(INSTRUCTIONS TO FOLLOW): Leaving out all pictures, reproduce the entries below exactly, from the first line through the line that contains "color=color, linetype=linetype, lineweight=lineweight)".

=== DATASET RECORDS ===

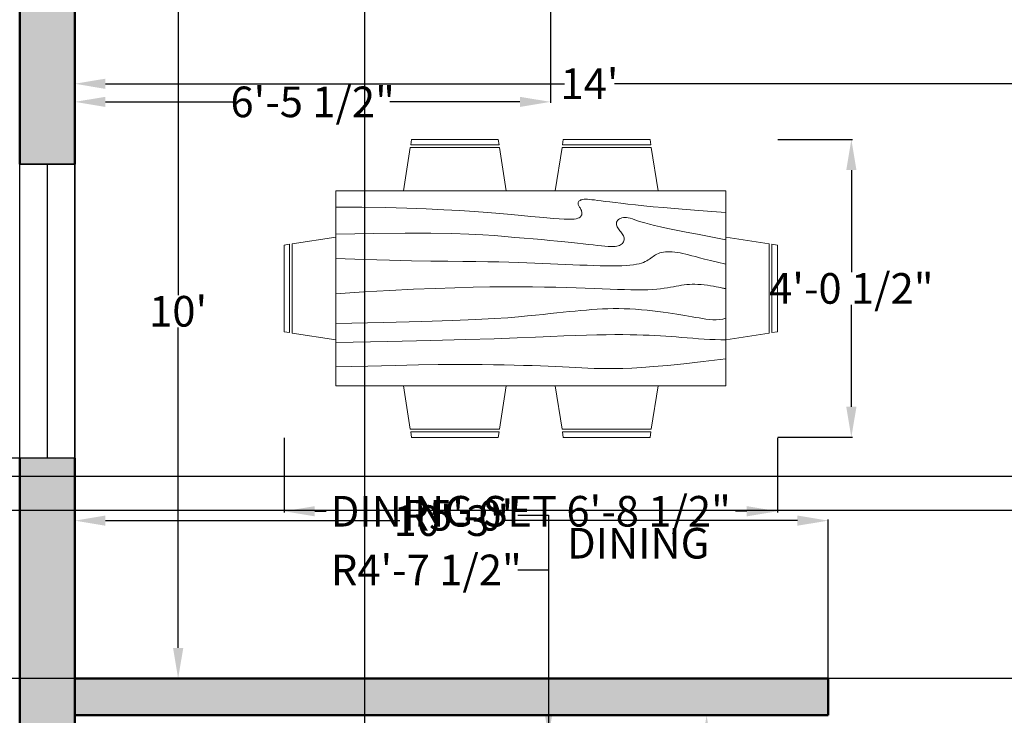
# Model space of a CAD drawing. Units: inches. Extents: x 3136 to 3620, y 13606 to 14152.
# Tile 4 of 6: x 3225 to 3386, y 13852 to 13965. Entities that reach past the tile are written whole.
import ezdxf

# ---------------------------------------------------------------- set-up
doc = ezdxf.new("R2010")
doc.units = ezdxf.units.IN
for name, color, linetype, lineweight in [('A-ANNO-DIMS', 2, 'Continuous', 18), ('A-AREA-IDEN', 7, 'Continuous', 25), ('A-FURN', 8, 'Continuous', 18), ('A-GLAZ', 4, 'Continuous', 25), ('A-WALL', 7, 'Continuous', 50), ('A-WALL-PATT', 174, 'Continuous', 13)]:
    doc.layers.add(name, color=color, linetype=linetype, lineweight=lineweight)
doc.styles.get("Standard").update_dxf_attribs({"font": 'arial.ttf', "height": 5})
doc.dimstyles.get("Standard").update_dxf_attribs({"dimtxt": 5, "dimasz": 5, "dimexe": 0.18, "dimexo": 0.0625, "dimgap": 0.09, "dimtad": 0, "dimtih": 1, "dimtoh": 1, "dimdec": 0, "dimzin": 0, "dimdsep": 46, "dimlunit": 3, "dimtxsty": 'Standard', "dimcen": 0.09, "dimadec": 0, "dimazin": 0, "dimtfac": 1, "dimtdec": 0, "dimtofl": 0, "dimtmove": 0, "dimatfit": 3, "dimfxl": 1, "dimtolj": 1, "dimtzin": 0, "dimarcsym": 0})

# ---------------------------------------------------------------- blocks, each defined once
blk = doc.blocks.new('*D13')
at = {"layer": 'A-ANNO-DIMS', "color": 0, "lineweight": -2, "transparency": 16777216}
for p, q in [((3233.87, 13960.47), (3233.87, 13954.82)), ((3401.87, 13960.47), (3401.87, 13954.82)), ((3238.87, 13955), (3313.77, 13955)), ((3396.87, 13955), (3321.97, 13955))]:
    blk.add_line(p, q, dxfattribs=at)
at = {"layer": 'A-ANNO-DIMS', "color": 0, "transparency": 16777216}
for points in [[(3238.87, 13955.83), (3238.87, 13954.16), (3233.87, 13955)], [(3396.87, 13955.83), (3396.87, 13954.16), (3401.87, 13955)]]:
    blk.add_solid(points, dxfattribs=at)
at = {"layer": 'Defpoints', "color": 0, "transparency": 16777216}
for p in [(3233.87, 13960.54), (3401.87, 13960.54), (3401.87, 13955)]:
    blk.add_point(p, dxfattribs=at)
at = {"layer": 'A-ANNO-DIMS', "color": 0, "transparency": 16777216, "insert": (3317.87, 13955), "char_height": 5, "attachment_point": 5}
blk.add_mtext("\\A1;14'", dxfattribs=at)
blk = doc.blocks.new('*D14')
at = {"layer": 'A-ANNO-DIMS', "color": 0, "lineweight": -2, "transparency": 16777216}
for p, q in [((3233.93, 13977.84), (3250.91, 13977.84)), ((3250.73, 13972.84), (3250.73, 13920.48)), ((3250.73, 13862.84), (3250.73, 13915.2)), ((3233.93, 13857.84), (3250.91, 13857.84))]:
    blk.add_line(p, q, dxfattribs=at)
at = {"layer": 'A-ANNO-DIMS', "color": 0, "transparency": 16777216}
for points in [[(3249.9, 13972.84), (3251.57, 13972.84), (3250.73, 13977.84)], [(3249.9, 13862.84), (3251.57, 13862.84), (3250.73, 13857.84)]]:
    blk.add_solid(points, dxfattribs=at)
at = {"layer": 'Defpoints', "color": 0, "transparency": 16777216}
for p in [(3233.87, 13977.84), (3250.73, 13977.84), (3233.87, 13857.84)]:
    blk.add_point(p, dxfattribs=at)
at = {"layer": 'A-ANNO-DIMS', "color": 0, "transparency": 16777216, "insert": (3250.73, 13917.84), "char_height": 5, "attachment_point": 5}
blk.add_mtext("\\A1;10'", dxfattribs=at)
blk = doc.blocks.new('*D16')
at = {"layer": 'A-ANNO-DIMS', "color": 0, "lineweight": -2, "transparency": 16777216}
for p, q in [((3311.54, 13851.84), (3337.17, 13851.84)), ((3336.99, 13846.84), (3336.99, 13752.44)), ((3336.99, 13652.84), (3336.99, 13747.24)), ((3311.54, 13647.84), (3337.17, 13647.84))]:
    blk.add_line(p, q, dxfattribs=at)
at = {"layer": 'A-ANNO-DIMS', "color": 0, "transparency": 16777216}
for points in [[(3336.16, 13846.84), (3337.82, 13846.84), (3336.99, 13851.84)], [(3336.16, 13652.84), (3337.82, 13652.84), (3336.99, 13647.84)]]:
    blk.add_solid(points, dxfattribs=at)
at = {"layer": 'Defpoints', "color": 0, "transparency": 16777216}
for p in [(3311.47, 13851.84), (3336.99, 13851.84), (3311.47, 13647.84)]:
    blk.add_point(p, dxfattribs=at)
at = {"layer": 'A-ANNO-DIMS', "color": 0, "transparency": 16777216, "insert": (3336.99, 13749.84), "char_height": 5, "attachment_point": 5}
blk.add_mtext("\\A1;17'", dxfattribs=at)
blk = doc.blocks.new('Dining Set - 36 x 72 in.')
for p, q in [((-22, 27.5), (-22.1562, 26.50042)), ((-22, 27.5), (-6, 27.5)), ((-5.8437, 26.49966), (-6, 27.5)), ((6, 27.5), (5.8438, 26.50042)), ((6, 27.5), (22, 27.5)), ((22.1563, 26.49966), (22, 27.5)), ((-22.2343, 26.00059), (-23.4847, 17.99762)), ((-22.2304, 26), (-5.7608, 26)), ((-5.8416, 26.5), (-22.1534, 26.5)), ((-4.5152, 17.99762), (-5.7655, 25.99926)), ((5.7657, 26.00059), (4.5153, 17.99762)), ((5.7696, 26), (22.2392, 26)), ((22.1584, 26.5), (5.8466, 26.5)), ((23.4848, 17.99762), (22.2345, 25.99926)), ((36, 18), (-36, 18)), ((-36, 18), (-36, -18)), ((36, -18), (36, 18)), ((-44.0006, 8.23428), (-35.9976, 9.48474)), ((44.0006, 8.23428), (35.9976, 9.48474)), ((-45.5, 8), (-44.5004, 8.15617)), ((-45.5, 8), (-45.5, -8)), ((-44.5, -8.15843), (-44.5, 8.15338)), ((-44, 8.23041), (-44, -8.23915)), ((44, 8.23041), (44, -8.23915)), ((44.5, -8.15843), (44.5, 8.15338)), ((45.5, 8), (44.5005, 8.15617)), ((45.5, 8), (45.5, -8)), ((-44.4997, -8.15631), (-45.5, -8)), ((-35.9976, -9.48476), (-43.9993, -8.2345)), ((35.9976, -9.48476), (43.9993, -8.2345)), ((44.4997, -8.15631), (45.5, -8)), ((-36, -18), (36, -18)), ((-22.2343, -26.0006), (-23.4847, -17.99762)), ((-4.5152, -17.99762), (-5.7655, -25.99928)), ((5.7657, -26.0006), (4.5153, -17.99762)), ((23.4848, -17.99762), (22.2345, -25.99928)), ((-22.2304, -26), (-5.7608, -26)), ((-22, -27.5), (-22.1562, -26.50044)), ((-5.8416, -26.5), (-22.1534, -26.5)), ((-5.8437, -26.49967), (-6, -27.5)), ((5.7696, -26), (22.2392, -26)), ((6, -27.5), (5.8438, -26.50044)), ((22.1584, -26.5), (5.8466, -26.5)), ((22.1563, -26.49967), (22, -27.5)), ((-22, -27.5), (-6, -27.5)), ((6, -27.5), (22, -27.5))]:
    blk.add_line(p, q)
for points in [[(-36, 15), (-31.1772, 14.97754), (-26.8079, 14.91406), (-22.8538, 14.81543), (-19.276, 14.6875), (-16.0362, 14.53613), (-13.0957, 14.36718), (-10.4159, 14.18652), (-7.9583, 14), (-5.6904, 13.81315), (-3.6035, 13.63021), (-1.6954, 13.45508), (0.0365, 13.29166), (1.5945, 13.14388), (2.9811, 13.01562), (4.1988, 12.9108), (5.25, 12.83333), (6.1393, 12.78613), (6.8802, 12.76823), (7.4883, 12.77767), (7.9792, 12.8125), (8.3685, 12.87077), (8.6719, 12.95052), (8.9049, 13.0498), (9.0833, 13.16666), (9.2205, 13.29899), (9.3216, 13.44401), (9.3895, 13.59879), (9.4271, 13.76041), (9.4373, 13.92594), (9.4232, 14.09245), (9.3875, 14.257), (9.3333, 14.41666), (9.2638, 14.56917), (9.1836, 14.71484), (9.0975, 14.85465), (9.0104, 14.98958), (8.9272, 15.1206), (8.8529, 15.2487), (8.7922, 15.37483), (8.75, 15.5), (8.7305, 15.62467), (8.7344, 15.74739), (8.7617, 15.86621), (8.8125, 15.97916), (8.8867, 16.08431), (8.9844, 16.17968), (9.1055, 16.26334), (9.25, 16.33333), (9.4189, 16.38802), (9.6172, 16.42708), (9.8506, 16.45052), (10.125, 16.45833), (10.4463, 16.45052), (10.8203, 16.42708), (11.2529, 16.38802), (11.75, 16.33333), (12.3184, 16.26318), (12.9694, 16.17838), (13.7151, 16.07991), (14.5677, 15.96875), (15.5395, 15.84586), (16.6426, 15.71224), (17.8893, 15.56884), (19.2917, 15.41666), (20.859, 15.25667), (22.5879, 15.08984), (24.4721, 14.91715), (26.5052, 14.73958), (28.6809, 14.5581), (30.9929, 14.3737), (33.4347, 14.18733), (36, 14)], [(-36, 10), (-28.9766, 10.14274), (-23.1725, 10.20442), (-18.4241, 10.19775), (-14.5677, 10.13541), (-11.4399, 10.03011), (-8.877, 9.89453), (-6.7154, 9.74137), (-4.7917, 9.58333), (-2.9698, 9.43082), (-1.2246, 9.28515), (0.4415, 9.14534), (2.026, 9.01041), (3.5266, 8.87939), (4.9408, 8.7513), (6.266, 8.62516), (7.5, 8.5), (8.6411, 8.37549), (9.6914, 8.2539), (10.6538, 8.13818), (11.5312, 8.03125), (12.3267, 7.93603), (13.043, 7.85547), (13.6831, 7.79248), (14.25, 7.75), (14.7471, 7.7303), (15.1797, 7.73307), (15.5537, 7.75732), (15.875, 7.80208), (16.1494, 7.86637), (16.3828, 7.94922), (16.5811, 8.04964), (16.75, 8.16666), (16.8944, 8.29915), (17.0143, 8.44531), (17.1089, 8.60319), (17.1771, 8.77083), (17.218, 8.94629), (17.2305, 9.1276), (17.2137, 9.31282), (17.1667, 9.5), (17.0895, 9.6875), (16.987, 9.875), (16.8649, 10.0625), (16.7292, 10.25), (16.5856, 10.4375), (16.4401, 10.625), (16.2985, 10.8125), (16.1667, 11), (16.05, 11.18733), (15.9518, 11.3737), (15.8752, 11.5581), (15.8229, 11.73958), (15.798, 11.91715), (15.8034, 12.08984), (15.842, 12.25667), (15.9167, 12.41666), (16.0295, 12.56836), (16.1784, 12.70833), (16.3605, 12.83268), (16.5729, 12.9375), (16.8127, 13.01888), (17.0768, 13.07291), (17.3625, 13.0957), (17.6667, 13.08333), (17.9894, 13.03312), (18.3418, 12.94726), (18.7382, 12.82918), (19.1927, 12.68229), (19.7195, 12.51001), (20.3327, 12.31575), (21.0465, 12.10294), (21.875, 11.875), (22.8357, 11.63354), (23.959, 11.37304), (25.2786, 11.08618), (26.8282, 10.76562), (28.6414, 10.40405), (30.752, 9.99414), (33.1936, 9.52856), (36, 9)], [(-36, 5.5), (-30.7157, 5.3348), (-26.069, 5.20963), (-21.9946, 5.11767), (-18.4271, 5.05208), (-15.3009, 5.00602), (-12.5508, 4.97265), (-10.1112, 4.94515), (-7.9167, 4.91666), (-5.909, 4.88167), (-4.0586, 4.83984), (-2.3429, 4.79215), (-0.7396, 4.73958), (0.7739, 4.6831), (2.22, 4.6237), (3.6213, 4.56233), (5, 4.5), (6.373, 4.43782), (7.7344, 4.3776), (9.0723, 4.32129), (10.375, 4.27083), (11.6309, 4.22819), (12.8281, 4.19531), (13.9551, 4.17415), (15, 4.16666), (15.954, 4.17448), (16.819, 4.19791), (17.6001, 4.23698), (18.3021, 4.29166), (18.9299, 4.36198), (19.4883, 4.44791), (19.9823, 4.54948), (20.4167, 4.66666), (20.7969, 4.79899), (21.1302, 4.94401), (21.4245, 5.09879), (21.6875, 5.26041), (21.9271, 5.42594), (22.1511, 5.59245), (22.3672, 5.757), (22.5834, 5.91666), (22.8065, 6.06868), (23.0404, 6.21093), (23.2879, 6.34147), (23.5521, 6.45833), (23.8358, 6.55957), (24.142, 6.64323), (24.4735, 6.70735), (24.8334, 6.75), (25.2235, 6.76969), (25.642, 6.76692), (26.0858, 6.74267), (26.5521, 6.69791), (27.0379, 6.63362), (27.5404, 6.55078), (28.0565, 6.45036), (28.5834, 6.33333), (29.1242, 6.19987), (29.7071, 6.04687), (30.3661, 5.87044), (31.1354, 5.66666), (32.0493, 5.43164), (33.142, 5.16146), (34.4475, 4.85221), (36, 4.5)], [(-36, -1), (-30.7915, -0.6591), (-26.0195, -0.38216), (-21.6519, -0.16284), (-17.6563, 0.00521), (-14.0005, 0.12833), (-10.6523, 0.21289), (-7.5796, 0.26522), (-4.75, 0.29166), (-2.134, 0.29793), (0.2878, 0.28711), (2.5317, 0.26163), (4.6146, 0.22396), (6.5529, 0.17651), (8.3633, 0.12174), (10.0623, 0.06209), (11.6667, 0), (13.1899, -0.06201), (14.6341, -0.1211), (15.9982, -0.17432), (17.2813, -0.21875), (18.4823, -0.25147), (19.6003, -0.26953), (20.6343, -0.27002), (21.5834, -0.25), (22.4481, -0.20768), (23.2357, -0.14584), (23.9549, -0.06836), (24.6146, 0.02083), (25.2235, 0.11784), (25.7904, 0.21875), (26.3241, 0.31966), (26.8334, 0.41666), (27.3265, 0.50618), (27.8099, 0.58593), (28.2894, 0.65397), (28.7709, 0.70833), (29.2601, 0.74707), (29.763, 0.76823), (30.2855, 0.76985), (30.8334, 0.75), (31.4088, 0.70784), (31.9994, 0.64713), (32.589, 0.57275), (33.1615, 0.48958), (33.7008, 0.4025), (34.1908, 0.3164), (34.6153, 0.23616), (34.9584, 0.16666), (35.2099, 0.11165), (35.3848, 0.07031), (35.504, 0.04069), (35.5886, 0.02083), (35.6594, 0.00879), (35.7377, 0.0026), (35.8442, 0.00032), (36, 0)], [(-36, -6.5), (-27.1843, -6.31267), (-20.084, -6.1263), (-14.469, -5.9419), (-10.1094, -5.76042), (-6.7752, -5.58285), (-4.2363, -5.41016), (-2.2629, -5.24333), (-0.625, -5.08334), (0.8708, -4.93099), (2.2715, -4.78646), (3.5872, -4.64974), (4.8281, -4.52084), (6.0046, -4.39974), (7.127, -4.28646), (8.2053, -4.18099), (9.25, -4.08334), (10.2705, -3.99382), (11.2734, -3.91407), (12.2647, -3.84603), (13.25, -3.79167), (14.2354, -3.75293), (15.2266, -3.73177), (16.2295, -3.73015), (17.25, -3.75), (18.2912, -3.79248), (19.3451, -3.85547), (20.4009, -3.93604), (21.4479, -4.03125), (22.4754, -4.13819), (23.4727, -4.25391), (24.4289, -4.37549), (25.3334, -4.5), (26.1785, -4.62492), (26.9694, -4.74935), (27.7145, -4.87281), (28.4219, -4.99479), (29.1, -5.11483), (29.7572, -5.23242), (30.4016, -5.34709), (31.0417, -5.45834), (31.6837, -5.56437), (32.3262, -5.65821), (32.9658, -5.73153), (33.599, -5.77604), (34.2224, -5.78345), (34.8327, -5.74545), (35.4264, -5.65373), (36, -5.5)], [(-36, -10), (-26.4022, -9.81299), (-18.4675, -9.62891), (-11.9839, -9.45069), (-6.7396, -9.28125), (-2.5226, -9.12354), (0.8789, -8.98047), (3.6769, -8.85498), (6.0833, -8.75), (8.2767, -8.66765), (10.3021, -8.60677), (12.1712, -8.56543), (13.8958, -8.54167), (15.4876, -8.53353), (16.9583, -8.53907), (18.3197, -8.55632), (19.5834, -8.58334), (20.7616, -8.61841), (21.8685, -8.66081), (22.9188, -8.71004), (23.9271, -8.76563), (24.9081, -8.82707), (25.8763, -8.89388), (26.8465, -8.96558), (27.8334, -9.04167), (28.8474, -9.12118), (29.8828, -9.20117), (30.93, -9.27824), (31.9792, -9.34896), (33.0205, -9.40991), (34.0443, -9.45768), (35.0407, -9.48885), (36, -9.5)], [(-36, -14.5), (-30.0881, -14.33513), (-25.0332, -14.21224), (-20.7312, -14.12647), (-17.0781, -14.07292), (-13.97, -14.04671), (-11.3027, -14.04297), (-8.9724, -14.05681), (-6.875, -14.08334), (-4.9224, -14.11833), (-3.0905, -14.16016), (-1.3709, -14.20785), (0.2448, -14.26042), (1.7647, -14.3169), (3.1973, -14.3763), (4.5507, -14.43767), (5.8333, -14.5), (7.0554, -14.5621), (8.235, -14.62175), (9.3922, -14.67652), (10.5469, -14.72396), (11.7192, -14.76164), (12.929, -14.78711), (14.1965, -14.79794), (15.5417, -14.79167), (16.9933, -14.76424), (18.6152, -14.70508), (20.4804, -14.60197), (22.6615, -14.44271), (25.2312, -14.21509), (28.2624, -13.9069), (31.8277, -13.50594), (36, -13)]]:
    blk.add_lwpolyline(points)
blk = doc.blocks.new('*D28')
at = {"layer": 'A-ANNO-DIMS', "color": 0, "lineweight": -2, "transparency": 16777216}
for p, q in [((3224.81, 14118.84), (3200.37, 14118.84)), ((3200.55, 14113.84), (3200.55, 13881.48)), ((3200.55, 13643.84), (3200.55, 13876.2)), ((3224.81, 13638.84), (3200.37, 13638.84))]:
    blk.add_line(p, q, dxfattribs=at)
at = {"layer": 'A-ANNO-DIMS', "color": 0, "transparency": 16777216}
for points in [[(3199.71, 14113.84), (3201.38, 14113.84), (3200.55, 14118.84)], [(3199.71, 13643.84), (3201.38, 13643.84), (3200.55, 13638.84)]]:
    blk.add_solid(points, dxfattribs=at)
at = {"layer": 'Defpoints', "color": 0, "transparency": 16777216}
for p in [(3200.55, 14118.84), (3224.87, 14118.84), (3224.87, 13638.84)]:
    blk.add_point(p, dxfattribs=at)
at = {"layer": 'A-ANNO-DIMS', "color": 0, "transparency": 16777216, "insert": (3200.55, 13878.84), "char_height": 5, "attachment_point": 5}
blk.add_mtext("\\A1;40'", dxfattribs=at)
blk = doc.blocks.new('WIN-48IN-GLAZING')
for p, q in [((0, 0), (0, 9)), ((48, 0), (48, 9)), ((48, 4.5), (0, 4.5))]:
    blk.add_line(p, q)
blk = doc.blocks.new('*D44')
at = {"layer": 'A-ANNO-DIMS', "color": 0, "lineweight": -2, "transparency": 16777216}
for p, q in [((3268.04, 13897.19), (3268.04, 13884.99)), ((3348.54, 13897.19), (3348.54, 13884.99)), ((3273.04, 13885.17), (3274.9, 13885.17)), ((3343.54, 13885.17), (3341.68, 13885.17))]:
    blk.add_line(p, q, dxfattribs=at)
at = {"layer": 'A-ANNO-DIMS', "color": 0, "transparency": 16777216}
for points in [[(3273.04, 13886.01), (3273.04, 13884.34), (3268.04, 13885.17)], [(3343.54, 13886.01), (3343.54, 13884.34), (3348.54, 13885.17)]]:
    blk.add_solid(points, dxfattribs=at)
at = {"layer": 'Defpoints', "color": 0, "transparency": 16777216}
for p in [(3268.04, 13897.25), (3348.54, 13897.25), (3348.54, 13885.17)]:
    blk.add_point(p, dxfattribs=at)
at = {"layer": 'A-ANNO-DIMS', "color": 0, "transparency": 16777216, "insert": (3308.29, 13885.17), "char_height": 5, "attachment_point": 5}
blk.add_mtext('\\A1;DINING SET 6\'-8 1/2"', dxfattribs=at)
blk = doc.blocks.new('*D45')
at = {"layer": 'A-ANNO-DIMS', "color": 0, "lineweight": -2, "transparency": 16777216}
for p, q in [((3348.6, 13945.9), (3360.79, 13945.9)), ((3360.61, 13940.9), (3360.61, 13924.25)), ((3360.61, 13902.25), (3360.61, 13918.9)), ((3348.6, 13897.25), (3360.79, 13897.25))]:
    blk.add_line(p, q, dxfattribs=at)
at = {"layer": 'A-ANNO-DIMS', "color": 0, "transparency": 16777216}
for points in [[(3359.78, 13940.9), (3361.45, 13940.9), (3360.61, 13945.9)], [(3359.78, 13902.25), (3361.45, 13902.25), (3360.61, 13897.25)]]:
    blk.add_solid(points, dxfattribs=at)
at = {"layer": 'Defpoints', "color": 0, "transparency": 16777216}
for p in [(3348.54, 13945.9), (3360.61, 13945.9), (3348.54, 13897.25)]:
    blk.add_point(p, dxfattribs=at)
at = {"layer": 'A-ANNO-DIMS', "color": 0, "transparency": 16777216, "insert": (3360.61, 13921.57), "char_height": 5, "attachment_point": 5}
blk.add_mtext('\\A1;4\'-0 1/2"', dxfattribs=at)
blk = doc.blocks.new('*D49')
at = {"layer": 'A-ANNO-DIMS', "color": 0, "lineweight": -2, "transparency": 16777216}
for p, q in [((3503.81, 13885.32), (3198.89, 13885.32)), ((3199.07, 13880.32), (3199.07, 13874.26)), ((3199.07, 13862.84), (3199.07, 13868.9)), ((3503.81, 13857.84), (3198.89, 13857.84))]:
    blk.add_line(p, q, dxfattribs=at)
at = {"layer": 'A-ANNO-DIMS', "color": 0, "transparency": 16777216}
for points in [[(3198.24, 13880.32), (3199.9, 13880.32), (3199.07, 13885.32)], [(3198.24, 13862.84), (3199.9, 13862.84), (3199.07, 13857.84)]]:
    blk.add_solid(points, dxfattribs=at)
at = {"layer": 'Defpoints', "color": 0, "transparency": 16777216}
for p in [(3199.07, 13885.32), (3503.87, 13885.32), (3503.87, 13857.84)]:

===

(THE ANSWER):
# Model space of a CAD drawing. Units: inches. Extents: x 3136 to 3620, y 13606 to 14152.
# Tile 4 of 6: x 3225 to 3386, y 13852 to 13965. Entities that reach past the tile are written whole.
import ezdxf

# ---------------------------------------------------------------- set-up
doc = ezdxf.new("R2010")
doc.units = ezdxf.units.IN
for name, color, linetype, lineweight in [('A-ANNO-DIMS', 2, 'Continuous', 18), ('A-AREA-IDEN', 7, 'Continuous', 25), ('A-FURN', 8, 'Continuous', 18), ('A-GLAZ', 4, 'Continuous', 25), ('A-WALL', 7, 'Continuous', 50), ('A-WALL-PATT', 174, 'Continuous', 13)]:
    doc.layers.add(name, color=color, linetype=linetype, lineweight=lineweight)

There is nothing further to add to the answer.